Stored entries:

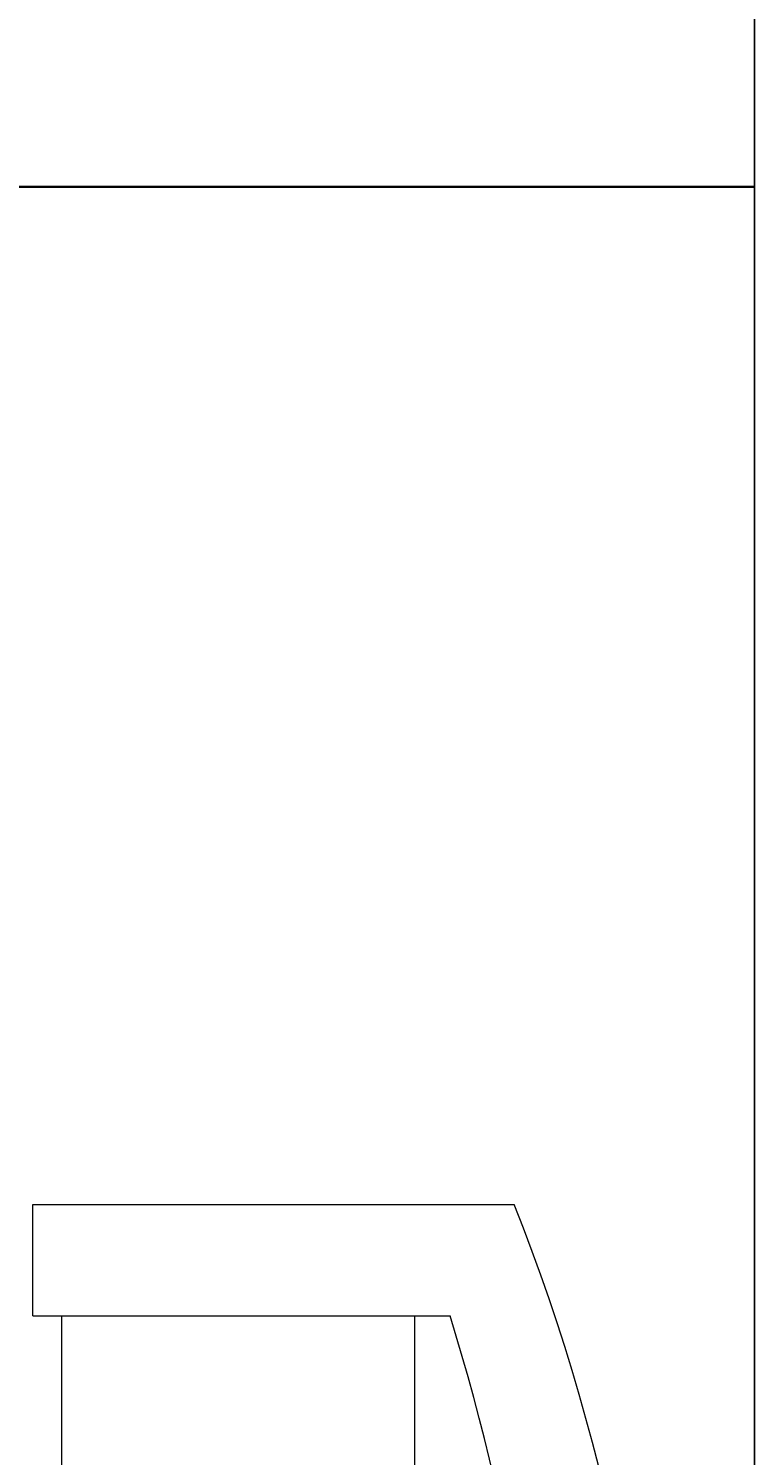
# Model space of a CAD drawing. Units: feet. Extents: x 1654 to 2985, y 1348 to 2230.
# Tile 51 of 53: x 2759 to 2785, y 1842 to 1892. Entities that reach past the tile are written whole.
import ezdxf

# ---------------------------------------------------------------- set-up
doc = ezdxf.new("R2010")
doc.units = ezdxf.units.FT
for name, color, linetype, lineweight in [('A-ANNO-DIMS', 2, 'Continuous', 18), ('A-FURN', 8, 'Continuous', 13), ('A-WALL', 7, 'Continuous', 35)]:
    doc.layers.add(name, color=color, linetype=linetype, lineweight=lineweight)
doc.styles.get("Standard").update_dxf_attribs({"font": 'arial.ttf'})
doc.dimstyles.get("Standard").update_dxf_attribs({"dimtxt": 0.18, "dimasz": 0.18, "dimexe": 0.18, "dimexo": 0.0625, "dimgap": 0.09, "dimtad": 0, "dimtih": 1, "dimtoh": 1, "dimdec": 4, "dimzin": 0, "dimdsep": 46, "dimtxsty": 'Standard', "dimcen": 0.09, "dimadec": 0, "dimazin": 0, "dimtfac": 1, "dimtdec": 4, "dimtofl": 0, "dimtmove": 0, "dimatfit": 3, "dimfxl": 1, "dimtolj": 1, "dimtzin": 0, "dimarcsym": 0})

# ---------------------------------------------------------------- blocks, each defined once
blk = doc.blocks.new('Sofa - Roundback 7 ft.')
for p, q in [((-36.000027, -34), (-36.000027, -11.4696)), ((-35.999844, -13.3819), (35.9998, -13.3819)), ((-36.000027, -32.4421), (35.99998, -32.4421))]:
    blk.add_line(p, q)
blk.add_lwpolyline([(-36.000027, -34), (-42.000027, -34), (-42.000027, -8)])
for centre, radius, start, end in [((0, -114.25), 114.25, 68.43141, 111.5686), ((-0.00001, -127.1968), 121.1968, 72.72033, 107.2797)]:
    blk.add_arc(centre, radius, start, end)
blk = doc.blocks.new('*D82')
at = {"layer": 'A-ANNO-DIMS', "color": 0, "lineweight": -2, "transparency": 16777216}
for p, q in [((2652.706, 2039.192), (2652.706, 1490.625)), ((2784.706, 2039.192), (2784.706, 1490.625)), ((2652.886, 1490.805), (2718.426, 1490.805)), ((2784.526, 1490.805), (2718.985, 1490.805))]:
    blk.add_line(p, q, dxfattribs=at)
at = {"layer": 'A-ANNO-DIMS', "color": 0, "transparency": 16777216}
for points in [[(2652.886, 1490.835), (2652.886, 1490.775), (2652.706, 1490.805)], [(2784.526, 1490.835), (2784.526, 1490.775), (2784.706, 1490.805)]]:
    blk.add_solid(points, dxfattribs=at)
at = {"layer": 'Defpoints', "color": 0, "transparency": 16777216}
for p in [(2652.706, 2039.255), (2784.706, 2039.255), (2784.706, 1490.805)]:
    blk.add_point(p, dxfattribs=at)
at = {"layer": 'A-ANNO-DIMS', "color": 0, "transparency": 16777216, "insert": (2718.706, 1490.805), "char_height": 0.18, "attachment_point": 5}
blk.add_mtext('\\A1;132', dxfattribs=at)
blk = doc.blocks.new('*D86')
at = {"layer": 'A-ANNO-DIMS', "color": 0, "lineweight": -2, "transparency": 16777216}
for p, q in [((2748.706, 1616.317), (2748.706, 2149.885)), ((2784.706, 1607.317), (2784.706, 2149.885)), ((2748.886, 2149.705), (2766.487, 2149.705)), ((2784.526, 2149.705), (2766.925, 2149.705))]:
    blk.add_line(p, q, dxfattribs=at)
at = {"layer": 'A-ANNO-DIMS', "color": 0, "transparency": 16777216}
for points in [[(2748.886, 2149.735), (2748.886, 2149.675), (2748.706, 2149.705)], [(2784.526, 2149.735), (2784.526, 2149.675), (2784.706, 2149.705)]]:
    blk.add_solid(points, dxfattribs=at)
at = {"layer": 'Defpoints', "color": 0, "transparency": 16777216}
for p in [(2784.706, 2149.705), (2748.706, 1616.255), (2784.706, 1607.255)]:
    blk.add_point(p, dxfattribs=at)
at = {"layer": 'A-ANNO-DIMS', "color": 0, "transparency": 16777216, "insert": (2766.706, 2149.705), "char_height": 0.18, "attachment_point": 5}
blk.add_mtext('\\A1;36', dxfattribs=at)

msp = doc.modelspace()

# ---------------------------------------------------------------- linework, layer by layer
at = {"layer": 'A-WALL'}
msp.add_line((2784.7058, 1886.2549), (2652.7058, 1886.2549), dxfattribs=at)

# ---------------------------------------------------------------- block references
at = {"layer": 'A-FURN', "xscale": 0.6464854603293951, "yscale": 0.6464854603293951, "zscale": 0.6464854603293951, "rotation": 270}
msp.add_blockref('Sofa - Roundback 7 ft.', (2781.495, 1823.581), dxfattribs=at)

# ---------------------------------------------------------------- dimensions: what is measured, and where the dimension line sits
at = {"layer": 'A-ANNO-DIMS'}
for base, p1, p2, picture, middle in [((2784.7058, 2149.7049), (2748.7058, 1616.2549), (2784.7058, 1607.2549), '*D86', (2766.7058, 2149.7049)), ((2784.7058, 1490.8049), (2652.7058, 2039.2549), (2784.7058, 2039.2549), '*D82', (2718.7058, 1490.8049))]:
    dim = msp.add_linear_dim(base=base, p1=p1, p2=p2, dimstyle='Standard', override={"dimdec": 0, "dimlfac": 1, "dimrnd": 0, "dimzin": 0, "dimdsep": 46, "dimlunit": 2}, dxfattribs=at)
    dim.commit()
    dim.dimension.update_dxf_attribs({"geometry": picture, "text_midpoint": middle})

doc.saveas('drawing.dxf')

Exercise: Leave the pictures aside and give every entry above again word for word.

Response box:
# Model space of a CAD drawing. Units: feet. Extents: x 1654 to 2985, y 1348 to 2230.
# Tile 51 of 53: x 2759 to 2785, y 1842 to 1892. Entities that reach past the tile are written whole.
import ezdxf

# ---------------------------------------------------------------- set-up
doc = ezdxf.new("R2010")
doc.units = ezdxf.units.FT
for name, color, linetype, lineweight in [('A-ANNO-DIMS', 2, 'Continuous', 18), ('A-FURN', 8, 'Continuous', 13), ('A-WALL', 7, 'Continuous', 35)]:
    doc.layers.add(name, color=color, linetype=linetype, lineweight=lineweight)
doc.styles.get("Standard").update_dxf_attribs({"font": 'arial.ttf'})
doc.dimstyles.get("Standard").update_dxf_attribs({"dimtxt": 0.18, "dimasz": 0.18, "dimexe": 0.18, "dimexo": 0.0625, "dimgap": 0.09, "dimtad": 0, "dimtih": 1, "dimtoh": 1, "dimdec": 4, "dimzin": 0, "dimdsep": 46, "dimtxsty": 'Standard', "dimcen": 0.09, "dimadec": 0, "dimazin": 0, "dimtfac": 1, "dimtdec": 4, "dimtofl": 0, "dimtmove": 0, "dimatfit": 3, "dimfxl": 1, "dimtolj": 1, "dimtzin": 0, "dimarcsym": 0})

# ---------------------------------------------------------------- blocks, each defined once
blk = doc.blocks.new('Sofa - Roundback 7 ft.')
for p, q in [((-36.000027, -34), (-36.000027, -11.4696)), ((-35.999844, -13.3819), (35.9998, -13.3819)), ((-36.000027, -32.4421), (35.99998, -32.4421))]:
    blk.add_line(p, q)
blk.add_lwpolyline([(-36.000027, -34), (-42.000027, -34), (-42.000027, -8)])
for centre, radius, start, end in [((0, -114.25), 114.25, 68.43141, 111.5686), ((-0.00001, -127.1968), 121.1968, 72.72033, 107.2797)]:
    blk.add_arc(centre, radius, start, end)
blk = doc.blocks.new('*D82')
at = {"layer": 'A-ANNO-DIMS', "color": 0, "lineweight": -2, "transparency": 16777216}
for p, q in [((2652.706, 2039.192), (2652.706, 1490.625)), ((2784.706, 2039.192), (2784.706, 1490.625)), ((2652.886, 1490.805), (2718.426, 1490.805)), ((2784.526, 1490.805), (2718.985, 1490.805))]:
    blk.add_line(p, q, dxfattribs=at)
at = {"layer": 'A-ANNO-DIMS', "color": 0, "transparency": 16777216}
for points in [[(2652.886, 1490.835), (2652.886, 1490.775), (2652.706, 1490.805)], [(2784.526, 1490.835), (2784.526, 1490.775), (2784.706, 1490.805)]]:
    blk.add_solid(points, dxfattribs=at)
at = {"layer": 'Defpoints', "color": 0, "transparency": 16777216}
for p in [(2652.706, 2039.255), (2784.706, 2039.255), (2784.706, 1490.805)]:
    blk.add_point(p, dxfattribs=at)
at = {"layer": 'A-ANNO-DIMS', "color": 0, "transparency": 16777216, "insert": (2718.706, 1490.805), "char_height": 0.18, "attachment_point": 5}
blk.add_mtext('\\A1;132', dxfattribs=at)
blk = doc.blocks.new('*D86')
at = {"layer": 'A-ANNO-DIMS', "color": 0, "lineweight": -2, "transparency": 16777216}
for p, q in [((2748.706, 1616.317), (2748.706, 2149.885)), ((2784.706, 1607.317), (2784.706, 2149.885)), ((2748.886, 2149.705), (2766.487, 2149.705)), ((2784.526, 2149.705), (2766.925, 2149.705))]:
    blk.add_line(p, q, dxfattribs=at)
at = {"layer": 'A-ANNO-DIMS', "color": 0, "transparency": 16777216}
for points in [[(2748.886, 2149.735), (2748.886, 2149.675), (2748.706, 2149.705)], [(2784.526, 2149.735), (2784.526, 2149.675), (2784.706, 2149.705)]]:
    blk.add_solid(points, dxfattribs=at)
at = {"layer": 'Defpoints', "color": 0, "transparency": 16777216}
for p in [(2784.706, 2149.705), (2748.706, 1616.255), (2784.706, 1607.255)]:
    blk.add_point(p, dxfattribs=at)
at = {"layer": 'A-ANNO-DIMS', "color": 0, "transparency": 16777216, "insert": (2766.706, 2149.705), "char_height": 0.18, "attachment_point": 5}
blk.add_mtext('\\A1;36', dxfattribs=at)

msp = doc.modelspace()

# ---------------------------------------------------------------- linework, layer by layer
at = {"layer": 'A-WALL'}
msp.add_line((2784.7058, 1886.2549), (2652.7058, 1886.2549), dxfattribs=at)

# ---------------------------------------------------------------- block references
at = {"layer": 'A-FURN', "xscale": 0.6464854603293951, "yscale": 0.6464854603293951, "zscale": 0.6464854603293951, "rotation": 270}
msp.add_blockref('Sofa - Roundback 7 ft.', (2781.495, 1823.581), dxfattribs=at)

# ---------------------------------------------------------------- dimensions: what is measured, and where the dimension line sits
at = {"layer": 'A-ANNO-DIMS'}
for base, p1, p2, picture, middle in [((2784.7058, 2149.7049), (2748.7058, 1616.2549), (2784.7058, 1607.2549), '*D86', (2766.7058, 2149.7049)), ((2784.7058, 1490.8049), (2652.7058, 2039.2549), (2784.7058, 2039.2549), '*D82', (2718.7058, 1490.8049))]:
    dim = msp.add_linear_dim(base=base, p1=p1, p2=p2, dimstyle='Standard', override={"dimdec": 0, "dimlfac": 1, "dimrnd": 0, "dimzin": 0, "dimdsep": 46, "dimlunit": 2}, dxfattribs=at)
    dim.commit()
    dim.dimension.update_dxf_attribs({"geometry": picture, "text_midpoint": middle})

doc.saveas('drawing.dxf')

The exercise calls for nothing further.